Exclude the images and transcribe the entries below precisely.

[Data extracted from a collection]
=-=-=

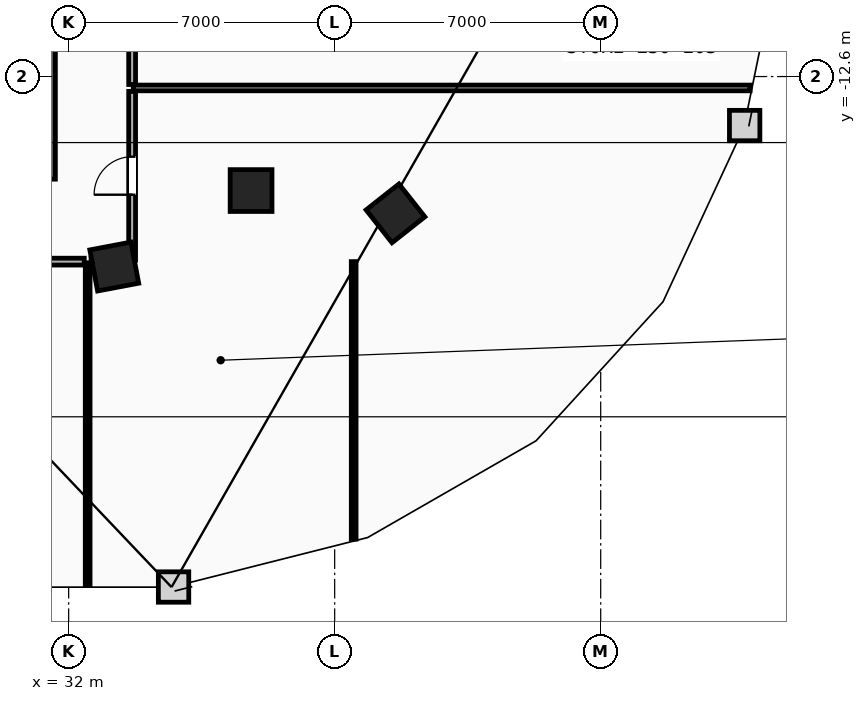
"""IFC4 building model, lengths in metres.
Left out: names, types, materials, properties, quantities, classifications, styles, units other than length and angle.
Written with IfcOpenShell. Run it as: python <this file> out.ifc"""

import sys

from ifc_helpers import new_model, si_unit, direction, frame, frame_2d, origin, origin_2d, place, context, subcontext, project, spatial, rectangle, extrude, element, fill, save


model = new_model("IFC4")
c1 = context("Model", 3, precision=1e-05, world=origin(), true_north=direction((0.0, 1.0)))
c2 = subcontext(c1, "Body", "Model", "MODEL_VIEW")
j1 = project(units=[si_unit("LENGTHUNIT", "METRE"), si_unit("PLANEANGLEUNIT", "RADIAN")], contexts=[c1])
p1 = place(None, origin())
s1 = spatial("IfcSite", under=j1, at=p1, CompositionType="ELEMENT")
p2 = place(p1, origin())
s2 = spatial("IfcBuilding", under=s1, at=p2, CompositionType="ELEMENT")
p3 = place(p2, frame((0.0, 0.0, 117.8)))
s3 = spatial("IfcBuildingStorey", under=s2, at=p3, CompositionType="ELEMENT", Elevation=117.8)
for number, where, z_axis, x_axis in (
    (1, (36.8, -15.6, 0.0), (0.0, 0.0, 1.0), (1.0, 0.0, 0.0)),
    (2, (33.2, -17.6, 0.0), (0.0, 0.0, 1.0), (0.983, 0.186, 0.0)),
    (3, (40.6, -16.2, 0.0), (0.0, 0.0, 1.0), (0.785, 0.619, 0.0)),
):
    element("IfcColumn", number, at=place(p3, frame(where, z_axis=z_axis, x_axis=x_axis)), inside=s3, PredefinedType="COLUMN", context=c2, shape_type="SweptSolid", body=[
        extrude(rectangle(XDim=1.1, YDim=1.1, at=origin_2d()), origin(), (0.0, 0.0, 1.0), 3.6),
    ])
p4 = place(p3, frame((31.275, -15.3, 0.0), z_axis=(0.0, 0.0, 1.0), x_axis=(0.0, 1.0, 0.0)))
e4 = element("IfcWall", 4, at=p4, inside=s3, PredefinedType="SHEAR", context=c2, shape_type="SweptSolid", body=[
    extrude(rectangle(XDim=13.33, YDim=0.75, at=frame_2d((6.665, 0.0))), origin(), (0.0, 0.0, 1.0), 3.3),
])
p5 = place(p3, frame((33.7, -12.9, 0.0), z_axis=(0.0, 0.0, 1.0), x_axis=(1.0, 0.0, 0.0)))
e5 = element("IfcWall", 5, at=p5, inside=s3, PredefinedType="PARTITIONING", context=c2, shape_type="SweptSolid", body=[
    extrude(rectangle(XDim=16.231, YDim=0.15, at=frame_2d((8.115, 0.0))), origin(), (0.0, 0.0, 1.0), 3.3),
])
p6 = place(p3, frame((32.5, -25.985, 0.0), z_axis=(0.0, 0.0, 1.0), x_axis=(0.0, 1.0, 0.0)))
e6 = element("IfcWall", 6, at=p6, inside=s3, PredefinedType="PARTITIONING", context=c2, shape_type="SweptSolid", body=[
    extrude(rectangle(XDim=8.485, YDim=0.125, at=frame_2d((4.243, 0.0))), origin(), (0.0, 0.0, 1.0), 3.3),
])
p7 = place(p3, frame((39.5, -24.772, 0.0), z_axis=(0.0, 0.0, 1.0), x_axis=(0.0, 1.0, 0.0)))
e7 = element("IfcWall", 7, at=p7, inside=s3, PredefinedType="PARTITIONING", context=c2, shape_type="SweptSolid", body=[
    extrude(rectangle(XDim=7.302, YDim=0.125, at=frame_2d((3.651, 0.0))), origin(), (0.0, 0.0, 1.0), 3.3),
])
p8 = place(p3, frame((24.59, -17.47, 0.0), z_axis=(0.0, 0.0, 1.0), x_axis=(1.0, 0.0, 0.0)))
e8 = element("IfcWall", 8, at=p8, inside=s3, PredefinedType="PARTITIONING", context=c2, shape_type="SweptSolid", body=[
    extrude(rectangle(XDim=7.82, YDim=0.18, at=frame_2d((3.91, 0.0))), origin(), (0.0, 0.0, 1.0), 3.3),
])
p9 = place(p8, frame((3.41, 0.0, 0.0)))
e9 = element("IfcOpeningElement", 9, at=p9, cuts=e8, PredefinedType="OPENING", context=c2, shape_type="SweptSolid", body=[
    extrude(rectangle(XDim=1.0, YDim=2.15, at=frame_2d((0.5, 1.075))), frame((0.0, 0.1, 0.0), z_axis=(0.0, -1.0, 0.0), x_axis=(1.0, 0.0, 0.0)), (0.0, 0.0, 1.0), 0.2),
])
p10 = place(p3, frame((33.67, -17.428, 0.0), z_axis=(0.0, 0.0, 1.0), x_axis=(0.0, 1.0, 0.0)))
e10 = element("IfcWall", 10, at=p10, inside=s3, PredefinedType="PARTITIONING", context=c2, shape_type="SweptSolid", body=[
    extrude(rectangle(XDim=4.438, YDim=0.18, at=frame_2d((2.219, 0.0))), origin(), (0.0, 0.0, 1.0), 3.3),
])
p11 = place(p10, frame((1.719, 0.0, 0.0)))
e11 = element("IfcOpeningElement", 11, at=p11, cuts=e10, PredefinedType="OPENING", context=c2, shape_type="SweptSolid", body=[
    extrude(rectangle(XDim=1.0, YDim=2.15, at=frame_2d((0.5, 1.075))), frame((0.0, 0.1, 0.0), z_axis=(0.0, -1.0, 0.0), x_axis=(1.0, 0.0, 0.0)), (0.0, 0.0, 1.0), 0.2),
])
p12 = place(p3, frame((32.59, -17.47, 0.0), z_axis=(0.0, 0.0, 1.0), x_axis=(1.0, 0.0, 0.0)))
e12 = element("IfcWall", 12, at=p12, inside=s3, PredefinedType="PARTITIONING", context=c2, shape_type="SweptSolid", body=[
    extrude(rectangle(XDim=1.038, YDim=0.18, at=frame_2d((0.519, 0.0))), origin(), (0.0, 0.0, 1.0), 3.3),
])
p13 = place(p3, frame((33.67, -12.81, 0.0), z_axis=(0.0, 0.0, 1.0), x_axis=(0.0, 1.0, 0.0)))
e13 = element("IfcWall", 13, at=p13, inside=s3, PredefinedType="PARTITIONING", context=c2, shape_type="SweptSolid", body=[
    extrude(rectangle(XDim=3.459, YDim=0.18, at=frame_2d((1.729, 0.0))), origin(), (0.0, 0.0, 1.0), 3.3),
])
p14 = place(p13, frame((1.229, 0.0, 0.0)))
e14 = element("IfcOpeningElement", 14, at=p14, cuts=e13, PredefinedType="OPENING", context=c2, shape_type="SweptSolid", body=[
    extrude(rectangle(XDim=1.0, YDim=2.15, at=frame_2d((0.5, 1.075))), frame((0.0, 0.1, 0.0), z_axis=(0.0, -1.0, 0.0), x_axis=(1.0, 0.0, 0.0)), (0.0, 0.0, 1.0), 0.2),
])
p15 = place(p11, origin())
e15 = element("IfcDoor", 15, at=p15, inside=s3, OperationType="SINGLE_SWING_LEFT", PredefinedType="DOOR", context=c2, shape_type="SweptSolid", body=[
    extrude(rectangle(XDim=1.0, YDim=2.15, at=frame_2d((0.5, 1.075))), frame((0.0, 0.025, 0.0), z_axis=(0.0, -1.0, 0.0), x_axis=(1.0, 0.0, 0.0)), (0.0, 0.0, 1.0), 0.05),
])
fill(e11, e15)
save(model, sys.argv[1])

=-=-=

▸ **EXERCISE OUTPUT**:
"""IFC4 building model, lengths in metres.
Left out: names, types, materials, properties, quantities, classifications, styles, units other than length and angle.
Written with IfcOpenShell. Run it as: python <this file> out.ifc"""

import sys

from ifc_helpers import new_model, si_unit, direction, frame, frame_2d, origin, origin_2d, place, context, subcontext, project, spatial, rectangle, extrude, element, fill, save


model = new_model("IFC4")
c1 = context("Model", 3, precision=1e-05, world=origin(), true_north=direction((0.0, 1.0)))
c2 = subcontext(c1, "Body", "Model", "MODEL_VIEW")
j1 = project(units=[si_unit("LENGTHUNIT", "METRE"), si_unit("PLANEANGLEUNIT", "RADIAN")], contexts=[c1])
p1 = place(None, origin())
s1 = spatial("IfcSite", under=j1, at=p1, CompositionType="ELEMENT")
p2 = place(p1, origin())
s2 = spatial("IfcBuilding", under=s1, at=p2, CompositionType="ELEMENT")
p3 = place(p2, frame((0.0, 0.0, 117.8)))
s3 = spatial("IfcBuildingStorey", under=s2, at=p3, CompositionType="ELEMENT", Elevation=117.8)
for number, where, z_axis, x_axis in (
    (1, (36.8, -15.6, 0.0), (0.0, 0.0, 1.0), (1.0, 0.0, 0.0)),
    (2, (33.2, -17.6, 0.0), (0.0, 0.0, 1.0), (0.983, 0.186, 0.0)),
    (3, (40.6, -16.2, 0.0), (0.0, 0.0, 1.0), (0.785, 0.619, 0.0)),
):
    element("IfcColumn", number, at=place(p3, frame(where, z_axis=z_axis, x_axis=x_axis)), inside=s3, PredefinedType="COLUMN", context=c2, shape_type="SweptSolid", body=[
        extrude(rectangle(XDim=1.1, YDim=1.1, at=origin_2d()), origin(), (0.0, 0.0, 1.0), 3.6),
    ])
p4 = place(p3, frame((31.275, -15.3, 0.0), z_axis=(0.0, 0.0, 1.0), x_axis=(0.0, 1.0, 0.0)))
e4 = element("IfcWall", 4, at=p4, inside=s3, PredefinedType="SHEAR", context=c2, shape_type="SweptSolid", body=[
    extrude(rectangle(XDim=13.33, YDim=0.75, at=frame_2d((6.665, 0.0))), origin(), (0.0, 0.0, 1.0), 3.3),
])
p5 = place(p3, frame((33.7, -12.9, 0.0), z_axis=(0.0, 0.0, 1.0), x_axis=(1.0, 0.0, 0.0)))
e5 = element("IfcWall", 5, at=p5, inside=s3, PredefinedType="PARTITIONING", context=c2, shape_type="SweptSolid", body=[
    extrude(rectangle(XDim=16.231, YDim=0.15, at=frame_2d((8.115, 0.0))), origin(), (0.0, 0.0, 1.0), 3.3),
])
p6 = place(p3, frame((32.5, -25.985, 0.0), z_axis=(0.0, 0.0, 1.0), x_axis=(0.0, 1.0, 0.0)))
e6 = element("IfcWall", 6, at=p6, inside=s3, PredefinedType="PARTITIONING", context=c2, shape_type="SweptSolid", body=[
    extrude(rectangle(XDim=8.485, YDim=0.125, at=frame_2d((4.243, 0.0))), origin(), (0.0, 0.0, 1.0), 3.3),
])
p7 = place(p3, frame((39.5, -24.772, 0.0), z_axis=(0.0, 0.0, 1.0), x_axis=(0.0, 1.0, 0.0)))
e7 = element("IfcWall", 7, at=p7, inside=s3, PredefinedType="PARTITIONING", context=c2, shape_type="SweptSolid", body=[
    extrude(rectangle(XDim=7.302, YDim=0.125, at=frame_2d((3.651, 0.0))), origin(), (0.0, 0.0, 1.0), 3.3),
])
p8 = place(p3, frame((24.59, -17.47, 0.0), z_axis=(0.0, 0.0, 1.0), x_axis=(1.0, 0.0, 0.0)))
e8 = element("IfcWall", 8, at=p8, inside=s3, PredefinedType="PARTITIONING", context=c2, shape_type="SweptSolid", body=[
    extrude(rectangle(XDim=7.82, YDim=0.18, at=frame_2d((3.91, 0.0))), origin(), (0.0, 0.0, 1.0), 3.3),
])
p9 = place(p8, frame((3.41, 0.0, 0.0)))
e9 = element("IfcOpeningElement", 9, at=p9, cuts=e8, PredefinedType="OPENING", context=c2, shape_type="SweptSolid", body=[
    extrude(rectangle(XDim=1.0, YDim=2.15, at=frame_2d((0.5, 1.075))), frame((0.0, 0.1, 0.0), z_axis=(0.0, -1.0, 0.0), x_axis=(1.0, 0.0, 0.0)), (0.0, 0.0, 1.0), 0.2),
])
p10 = place(p3, frame((33.67, -17.428, 0.0), z_axis=(0.0, 0.0, 1.0), x_axis=(0.0, 1.0, 0.0)))
e10 = element("IfcWall", 10, at=p10, inside=s3, PredefinedType="PARTITIONING", context=c2, shape_type="SweptSolid", body=[
    extrude(rectangle(XDim=4.438, YDim=0.18, at=frame_2d((2.219, 0.0))), origin(), (0.0, 0.0, 1.0), 3.3),
])
p11 = place(p10, frame((1.719, 0.0, 0.0)))
e11 = element("IfcOpeningElement", 11, at=p11, cuts=e10, PredefinedType="OPENING", context=c2, shape_type="SweptSolid", body=[
    extrude(rectangle(XDim=1.0, YDim=2.15, at=frame_2d((0.5, 1.075))), frame((0.0, 0.1, 0.0), z_axis=(0.0, -1.0, 0.0), x_axis=(1.0, 0.0, 0.0)), (0.0, 0.0, 1.0), 0.2),
])
p12 = place(p3, frame((32.59, -17.47, 0.0), z_axis=(0.0, 0.0, 1.0), x_axis=(1.0, 0.0, 0.0)))
e12 = element("IfcWall", 12, at=p12, inside=s3, PredefinedType="PARTITIONING", context=c2, shape_type="SweptSolid", body=[
    extrude(rectangle(XDim=1.038, YDim=0.18, at=frame_2d((0.519, 0.0))), origin(), (0.0, 0.0, 1.0), 3.3),
])
p13 = place(p3, frame((33.67, -12.81, 0.0), z_axis=(0.0, 0.0, 1.0), x_axis=(0.0, 1.0, 0.0)))
e13 = element("IfcWall", 13, at=p13, inside=s3, PredefinedType="PARTITIONING", context=c2, shape_type="SweptSolid", body=[
    extrude(rectangle(XDim=3.459, YDim=0.18, at=frame_2d((1.729, 0.0))), origin(), (0.0, 0.0, 1.0), 3.3),
])
p14 = place(p13, frame((1.229, 0.0, 0.0)))
e14 = element("IfcOpeningElement", 14, at=p14, cuts=e13, PredefinedType="OPENING", context=c2, shape_type="SweptSolid", body=[
    extrude(rectangle(XDim=1.0, YDim=2.15, at=frame_2d((0.5, 1.075))), frame((0.0, 0.1, 0.0), z_axis=(0.0, -1.0, 0.0), x_axis=(1.0, 0.0, 0.0)), (0.0, 0.0, 1.0), 0.2),
])
p15 = place(p11, origin())
e15 = element("IfcDoor", 15, at=p15, inside=s3, OperationType="SINGLE_SWING_LEFT", PredefinedType="DOOR", context=c2, shape_type="SweptSolid", body=[
    extrude(rectangle(XDim=1.0, YDim=2.15, at=frame_2d((0.5, 1.075))), frame((0.0, 0.025, 0.0), z_axis=(0.0, -1.0, 0.0), x_axis=(1.0, 0.0, 0.0)), (0.0, 0.0, 1.0), 0.05),
])
fill(e11, e15)
save(model, sys.argv[1])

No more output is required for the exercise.